## WORK ORDER
For each line below that holds "degrees", return the line as it stands.

+ + + +

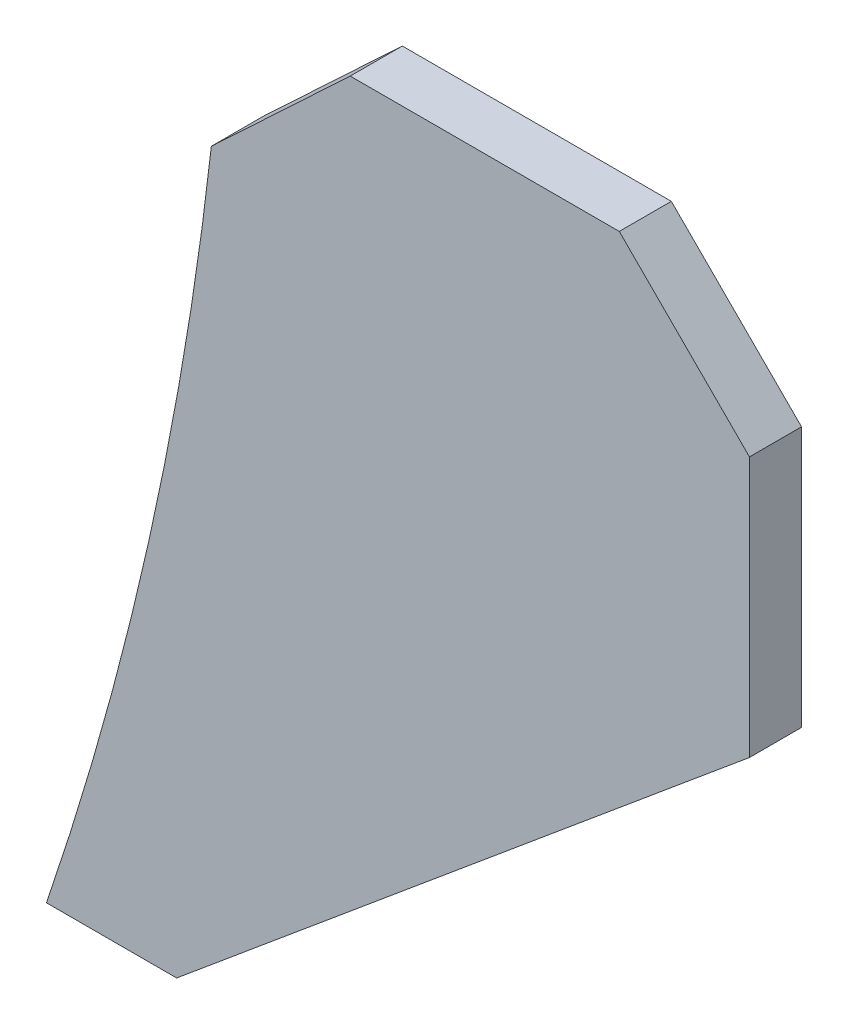
from build123d import *

# Parameters (mm, degrees)
BOSS_EXTRUDE1_DEPTH = 6


with BuildPart() as part:
    # Sketch1 → Boss-Extrude1 (new body)
    with BuildSketch(Plane.XY):
        with BuildLine():
            Line((0, 0), (15, 0))
            Line((15, 0), (81, 55))
            Line((81, 55), (81, 85))
            Line((81, 85), (66, 100))
            Line((66, 100), (35, 100))
            Line((35, 100), (19, 85))
            ThreePointArc((19, 85), (11.791612432, 41.987757221), (0, 0))
        make_face()
    extrude(amount=BOSS_EXTRUDE1_DEPTH)


solid = part.part
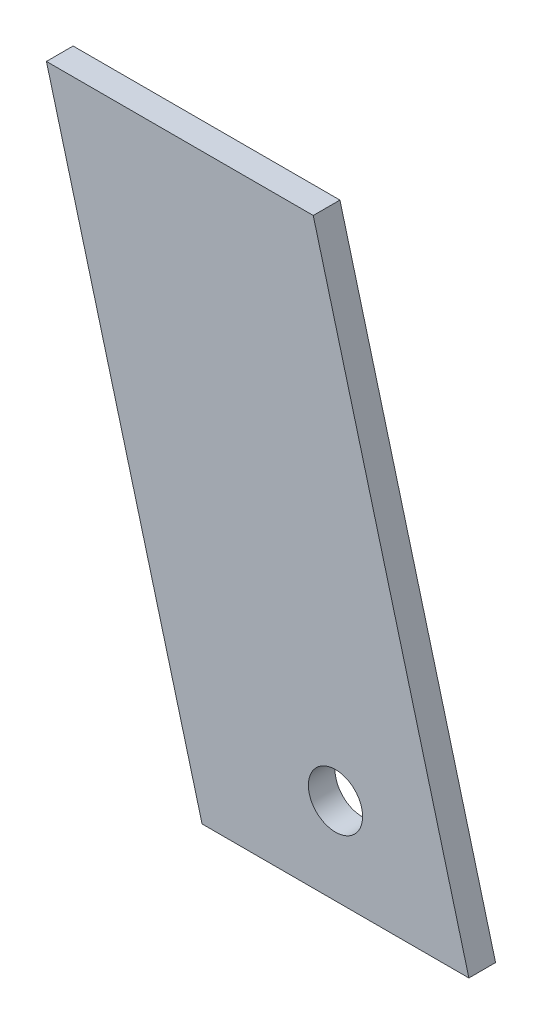
SolidWorks part; units mm, degrees
ref_plane "前视基准面" through (0, 0, 0) normal (0, 0, 1) x (1, 0, 0)
ref_plane "上视基准面" through (0, 0, 0) normal (0, 1, 0) x (1, 0, 0)
ref_plane "右视基准面" through (0, 0, 0) normal (1, 0, 0) x (0, 0, -1)
other "Configuration Table"
sketch "草图1" plane through (0, 0, 0) normal (0, 0, 1) x (1, 0, 0)
  line L0 (-30, -36) -> (30, -36)
  line L1 (30, -36) -> (65, -167)
  line L2 (65, -167) -> (5, -167)
  line L3 (5, -167) -> (-30, -36)
  point P0 (0, 0)
  dimension "D1" = 30
  dimension "D2" = 35
  dimension "D3" = 60
  dimension "D4" = 95
  dimension "D5" = 131
  dimension "D6" = 167
extrude "凸台-拉伸1" add sketch "草图1" against normal mid plane 6
sketch "草图2" plane through (0, 0, 0) normal (0, 0, 1) x (1, 0, 0)
  circle A0 centre (35, -147.5) radius 6.1
  point P0 (0, 0)
  dimension "D1" = 12.2
  dimension "D2" = 35
  dimension "D3" = 147.5
extrude "切除-拉伸1" cut sketch "草图2" against normal mid plane 30

+ + + +

## RESULT OF THIS TASK
# Parameters (mm, degrees)
SolidWorks part; units mm, degrees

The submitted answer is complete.